— What to work on —
Copy verbatim the block of lines in the entries below whose first line contains "p19 = place(p16, frame((13.3, 0.0, 0.0)))" and whose last line contains "p20 = place(p16, frame((20.175, 0.0, 0.0)))". Leave out all other lines.

— Exercise inputs —
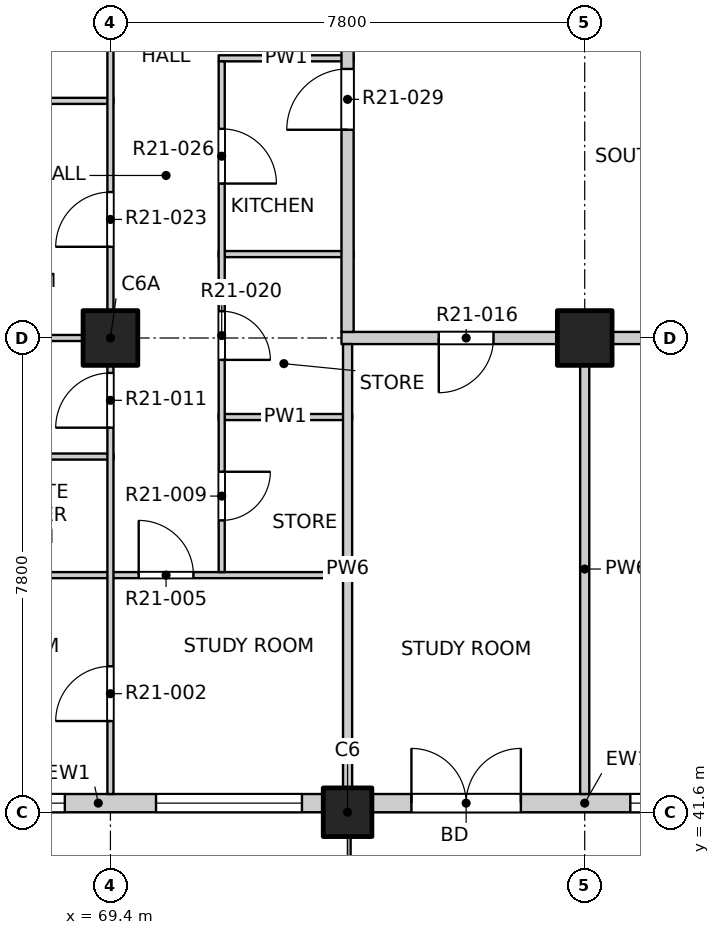
"""IFC4 building model, lengths in metres.
Left out: names, types, materials, properties, quantities, classifications, styles, units other than length and angle.
Written with IfcOpenShell. Run it as: python <this file> out.ifc"""

import sys

from ifc_helpers import new_model, si_unit, direction, frame, frame_2d, origin, origin_2d, place, context, subcontext, project, spatial, rectangle, extrude, element, fill, save


model = new_model("IFC4")
c1 = context("Model", 3, precision=1e-05, world=origin(), true_north=direction((0.0, 1.0)))
c2 = subcontext(c1, "Body", "Model", "MODEL_VIEW")
j1 = project(units=[si_unit("LENGTHUNIT", "METRE"), si_unit("PLANEANGLEUNIT", "RADIAN")], contexts=[c1])
p1 = place(None, origin())
s1 = spatial("IfcSite", under=j1, at=p1, CompositionType="ELEMENT")
p2 = place(p1, origin())
s2 = spatial("IfcBuilding", under=s1, at=p2, CompositionType="ELEMENT")
p3 = place(p2, frame((0.0, 0.0, 214.3)))
s3 = spatial("IfcBuildingStorey", under=s2, at=p3, CompositionType="ELEMENT", Elevation=214.3)
p4 = place(p3, frame((73.3, 41.6, -0.25), z_axis=(0.0, 0.0, 1.0), x_axis=(1.0, 0.0, 0.0)))
e1 = element("IfcColumn", 1, at=p4, inside=s3, PredefinedType="COLUMN", context=c2, shape_type="SweptSolid", body=[
    extrude(rectangle(XDim=0.8, YDim=0.8, at=origin_2d()), origin(), (0.0, 0.0, 1.0), 3.4),
])
for number, where, z_axis, x_axis in (
    (2, (69.4, 49.4, -0.25), (0.0, 0.0, 1.0), (1.0, 0.0, 0.0)),
    (3, (77.2, 49.4, -0.25), (0.0, 0.0, 1.0), (1.0, 0.0, 0.0)),
):
    element("IfcColumn", number, at=place(p3, frame(where, z_axis=z_axis, x_axis=x_axis)), inside=s3, PredefinedType="COLUMN", context=c2, shape_type="SweptSolid", body=[
        extrude(rectangle(XDim=0.9, YDim=0.9, at=origin_2d()), origin(), (0.0, 0.0, 1.0), 3.4),
    ])
p5 = place(p3, frame((65.5, 41.75, 0.0), z_axis=(0.0, 0.0, 1.0), x_axis=(1.0, 0.0, 0.0)))
e4 = element("IfcWall", 4, at=p5, inside=s3, PredefinedType="SOLIDWALL", context=c2, shape_type="SweptSolid", body=[
    extrude(rectangle(XDim=7.4, YDim=0.3, at=frame_2d((3.7, 0.0))), origin(), (0.0, 0.0, 1.0), 2.7),
])
p6 = place(p5, frame((0.75, 0.0, 0.9)))
e5 = element("IfcOpeningElement", 5, at=p6, cuts=e4, PredefinedType="OPENING", context=c2, shape_type="SweptSolid", body=[
    extrude(rectangle(XDim=2.4, YDim=1.8, at=frame_2d((1.2, 0.9))), frame((0.0, 0.16, 0.0), z_axis=(0.0, -1.0, 0.0), x_axis=(1.0, 0.0, 0.0)), (0.0, 0.0, 1.0), 0.32),
])
p7 = place(p5, frame((4.65, 0.0, 0.9)))
e6 = element("IfcOpeningElement", 6, at=p7, cuts=e4, PredefinedType="OPENING", context=c2, shape_type="SweptSolid", body=[
    extrude(rectangle(XDim=2.4, YDim=1.8, at=frame_2d((1.2, 0.9))), frame((0.0, 0.16, 0.0), z_axis=(0.0, -1.0, 0.0), x_axis=(1.0, 0.0, 0.0)), (0.0, 0.0, 1.0), 0.32),
])
p8 = place(p3, frame((73.7, 41.75, 0.0), z_axis=(0.0, 0.0, 1.0), x_axis=(1.0, 0.0, 0.0)))
e7 = element("IfcWall", 7, at=p8, inside=s3, PredefinedType="SOLIDWALL", context=c2, shape_type="SweptSolid", body=[
    extrude(rectangle(XDim=7.0, YDim=0.3, at=frame_2d((3.5, 0.0))), origin(), (0.0, 0.0, 1.0), 2.7),
])
p9 = place(p8, frame((0.65, 0.0, 0.0)))
e8 = element("IfcOpeningElement", 8, at=p9, cuts=e7, PredefinedType="OPENING", context=c2, shape_type="SweptSolid", body=[
    extrude(rectangle(XDim=1.8, YDim=2.4, at=frame_2d((0.9, 1.2))), frame((0.0, 0.16, 0.0), z_axis=(0.0, -1.0, 0.0), x_axis=(1.0, 0.0, 0.0)), (0.0, 0.0, 1.0), 0.32),
])
p10 = place(p8, frame((4.25, 0.0, 0.9)))
e9 = element("IfcOpeningElement", 9, at=p10, cuts=e7, PredefinedType="OPENING", context=c2, shape_type="SweptSolid", body=[
    extrude(rectangle(XDim=2.4, YDim=1.8, at=frame_2d((1.2, 0.9))), frame((0.0, 0.16, 0.0), z_axis=(0.0, -1.0, 0.0), x_axis=(1.0, 0.0, 0.0)), (0.0, 0.0, 1.0), 0.32),
])
p11 = place(p3, frame((61.9, 45.5, 0.0), z_axis=(0.0, 0.0, 1.0), x_axis=(1.0, 0.0, 0.0)))
e10 = element("IfcWall", 10, at=p11, inside=s3, PredefinedType="PARTITIONING", context=c2, shape_type="SweptSolid", body=[
    extrude(rectangle(XDim=11.475, YDim=0.1, at=frame_2d((5.737, 0.0))), origin(), (0.0, 0.0, 1.0), 3.15),
])
p12 = place(p11, frame((7.965, 0.0, 0.0)))
e11 = element("IfcOpeningElement", 11, at=p12, cuts=e10, PredefinedType="OPENING", context=c2, shape_type="SweptSolid", body=[
    extrude(rectangle(XDim=0.9, YDim=2.1, at=frame_2d((0.45, 1.05))), frame((0.0, 0.06, 0.0), z_axis=(0.0, -1.0, 0.0), x_axis=(1.0, 0.0, 0.0)), (0.0, 0.0, 1.0), 0.12),
])
p13 = place(p3, frame((65.9, 47.45, 0.0), z_axis=(0.0, 0.0, 1.0), x_axis=(1.0, 0.0, 0.0)))
e12 = element("IfcWall", 12, at=p13, inside=s3, PredefinedType="PARTITIONING", context=c2, shape_type="SweptSolid", body=[
    extrude(rectangle(XDim=3.55, YDim=0.1, at=frame_2d((1.775, 0.0))), origin(), (0.0, 0.0, 1.0), 3.15),
])
p14 = place(p3, frame((71.18, 48.1, 0.0), z_axis=(0.0, 0.0, 1.0), x_axis=(1.0, 0.0, 0.0)))
e13 = element("IfcWall", 13, at=p14, inside=s3, PredefinedType="PARTITIONING", context=c2, shape_type="SweptSolid", body=[
    extrude(rectangle(XDim=2.195, YDim=0.1, at=frame_2d((1.097, 0.0))), origin(), (0.0, 0.0, 1.0), 3.15),
])
p15 = place(p3, frame((61.9, 49.4, 0.0), z_axis=(0.0, 0.0, 1.0), x_axis=(1.0, 0.0, 0.0)))
e14 = element("IfcWall", 14, at=p15, inside=s3, PredefinedType="PARTITIONING", context=c2, shape_type="SweptSolid", body=[
    extrude(rectangle(XDim=7.55, YDim=0.1, at=frame_2d((3.775, 0.0))), origin(), (0.0, 0.0, 1.0), 3.15),
])
p16 = place(p3, frame((73.2, 49.4, 0.0), z_axis=(0.0, 0.0, 1.0), x_axis=(1.0, 0.0, 0.0)))
e15 = element("IfcWall", 15, at=p16, inside=s3, PredefinedType="PARTITIONING", context=c2, shape_type="SweptSolid", body=[
    extrude(rectangle(XDim=23.6, YDim=0.2, at=frame_2d((11.8, 0.0))), origin(), (0.0, 0.0, 1.0), 3.15),
])
p17 = place(p16, frame((1.6, 0.0, 0.0)))
e16 = element("IfcOpeningElement", 16, at=p17, cuts=e15, PredefinedType="OPENING", context=c2, shape_type="SweptSolid", body=[
    extrude(rectangle(XDim=0.9, YDim=2.1, at=frame_2d((0.45, 1.05))), frame((0.0, 0.11, 0.0), z_axis=(0.0, -1.0, 0.0), x_axis=(1.0, 0.0, 0.0)), (0.0, 0.0, 1.0), 0.22),
])
p18 = place(p16, frame((7.3, 0.0, 0.0)))
e17 = element("IfcOpeningElement", 17, at=p18, cuts=e15, PredefinedType="OPENING", context=c2, shape_type="SweptSolid", body=[
    extrude(rectangle(XDim=1.2, YDim=2.1, at=frame_2d((0.6, 1.05))), frame((0.0, 0.11, 0.0), z_axis=(0.0, -1.0, 0.0), x_axis=(1.0, 0.0, 0.0)), (0.0, 0.0, 1.0), 0.22),
])
p19 = place(p16, frame((13.3, 0.0, 0.0)))
e18 = element("IfcOpeningElement", 18, at=p19, cuts=e15, PredefinedType="OPENING", context=c2, shape_type="SweptSolid", body=[
    extrude(rectangle(XDim=0.9, YDim=2.1, at=frame_2d((0.45, 1.05))), frame((0.0, 0.11, 0.0), z_axis=(0.0, -1.0, 0.0), x_axis=(1.0, 0.0, 0.0)), (0.0, 0.0, 1.0), 0.22),
])
p20 = place(p16, frame((20.175, 0.0, 0.0)))
e19 = element("IfcOpeningElement", 19, at=p20, cuts=e15, PredefinedType="OPENING", context=c2, shape_type="SweptSolid", body=[
    extrude(rectangle(XDim=1.2, YDim=2.1, at=frame_2d((0.6, 1.05))), frame((0.0, 0.11, 0.0), z_axis=(0.0, -1.0, 0.0), x_axis=(1.0, 0.0, 0.0)), (0.0, 0.0, 1.0), 0.22),
])
p21 = place(p3, frame((71.18, 50.78, 0.0), z_axis=(0.0, 0.0, 1.0), x_axis=(1.0, 0.0, 0.0)))
e20 = element("IfcWall", 20, at=p21, inside=s3, PredefinedType="PARTITIONING", context=c2, shape_type="SweptSolid", body=[
    extrude(rectangle(XDim=2.22, YDim=0.1, at=frame_2d((1.11, 0.0))), origin(), (0.0, 0.0, 1.0), 3.15),
])
p22 = place(p3, frame((61.9, 53.3, 0.0), z_axis=(0.0, 0.0, 1.0), x_axis=(1.0, 0.0, 0.0)))
e21 = element("IfcWall", 21, at=p22, inside=s3, PredefinedType="PARTITIONING", context=c2, shape_type="SweptSolid", body=[
    extrude(rectangle(XDim=7.55, YDim=0.1, at=frame_2d((3.775, 0.0))), origin(), (0.0, 0.0, 1.0), 3.15),
])
p23 = place(p3, frame((71.18, 54.0, 0.0), z_axis=(0.0, 0.0, 1.0), x_axis=(1.0, 0.0, 0.0)))
e22 = element("IfcWall", 22, at=p23, inside=s3, PredefinedType="PARTITIONING", context=c2, shape_type="SweptSolid", body=[
    extrude(rectangle(XDim=2.22, YDim=0.1, at=frame_2d((1.11, 0.0))), origin(), (0.0, 0.0, 1.0), 3.15),
])
p24 = place(p3, frame((69.4, 41.9, 0.0), z_axis=(0.0, 0.0, 1.0), x_axis=(0.0, 1.0, 0.0)))
e23 = element("IfcWall", 23, at=p24, inside=s3, PredefinedType="PARTITIONING", context=c2, shape_type="SweptSolid", body=[
    extrude(rectangle(XDim=46.2, YDim=0.1, at=frame_2d((23.1, 0.0))), origin(), (0.0, 0.0, 1.0), 3.15),
])
p25 = place(p24, frame((1.2, 0.0, 0.0)))
e24 = element("IfcOpeningElement", 24, at=p25, cuts=e23, PredefinedType="OPENING", context=c2, shape_type="SweptSolid", body=[
    extrude(rectangle(XDim=0.9, YDim=2.1, at=frame_2d((0.45, 1.05))), frame((0.0, 0.06, 0.0), z_axis=(0.0, -1.0, 0.0), x_axis=(1.0, 0.0, 0.0)), (0.0, 0.0, 1.0), 0.12),
])
p26 = place(p24, frame((6.025, 0.0, 0.0)))
e25 = element("IfcOpeningElement", 25, at=p26, cuts=e23, PredefinedType="OPENING", context=c2, shape_type="SweptSolid", body=[
    extrude(rectangle(XDim=0.9, YDim=2.1, at=frame_2d((0.45, 1.05))), frame((0.0, 0.06, 0.0), z_axis=(0.0, -1.0, 0.0), x_axis=(1.0, 0.0, 0.0)), (0.0, 0.0, 1.0), 0.12),
])
p27 = place(p24, frame((9.0, 0.0, 0.0)))
e26 = element("IfcOpeningElement", 26, at=p27, cuts=e23, PredefinedType="OPENING", context=c2, shape_type="SweptSolid", body=[
    extrude(rectangle(XDim=0.9, YDim=2.1, at=frame_2d((0.45, 1.05))), frame((0.0, 0.06, 0.0), z_axis=(0.0, -1.0, 0.0), x_axis=(1.0, 0.0, 0.0)), (0.0, 0.0, 1.0), 0.12),
])
p28 = place(p24, frame((12.9, 0.0, 0.0)))
e27 = element("IfcOpeningElement", 27, at=p28, cuts=e23, PredefinedType="OPENING", context=c2, shape_type="SweptSolid", body=[
    extrude(rectangle(XDim=0.9, YDim=2.1, at=frame_2d((0.45, 1.05))), frame((0.0, 0.06, 0.0), z_axis=(0.0, -1.0, 0.0), x_axis=(1.0, 0.0, 0.0)), (0.0, 0.0, 1.0), 0.12),
])
p29 = place(p24, frame((17.775, 0.0, 0.0)))
e28 = element("IfcOpeningElement", 28, at=p29, cuts=e23, PredefinedType="OPENING", context=c2, shape_type="SweptSolid", body=[
    extrude(rectangle(XDim=0.9, YDim=2.1, at=frame_2d((0.45, 1.05))), frame((0.0, 0.06, 0.0), z_axis=(0.0, -1.0, 0.0), x_axis=(1.0, 0.0, 0.0)), (0.0, 0.0, 1.0), 0.12),
])
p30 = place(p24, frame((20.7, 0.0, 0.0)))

— Solution to the exercise —
p19 = place(p16, frame((13.3, 0.0, 0.0)))
e18 = element("IfcOpeningElement", 18, at=p19, cuts=e15, PredefinedType="OPENING", context=c2, shape_type="SweptSolid", body=[
    extrude(rectangle(XDim=0.9, YDim=2.1, at=frame_2d((0.45, 1.05))), frame((0.0, 0.11, 0.0), z_axis=(0.0, -1.0, 0.0), x_axis=(1.0, 0.0, 0.0)), (0.0, 0.0, 1.0), 0.22),
])
p20 = place(p16, frame((20.175, 0.0, 0.0)))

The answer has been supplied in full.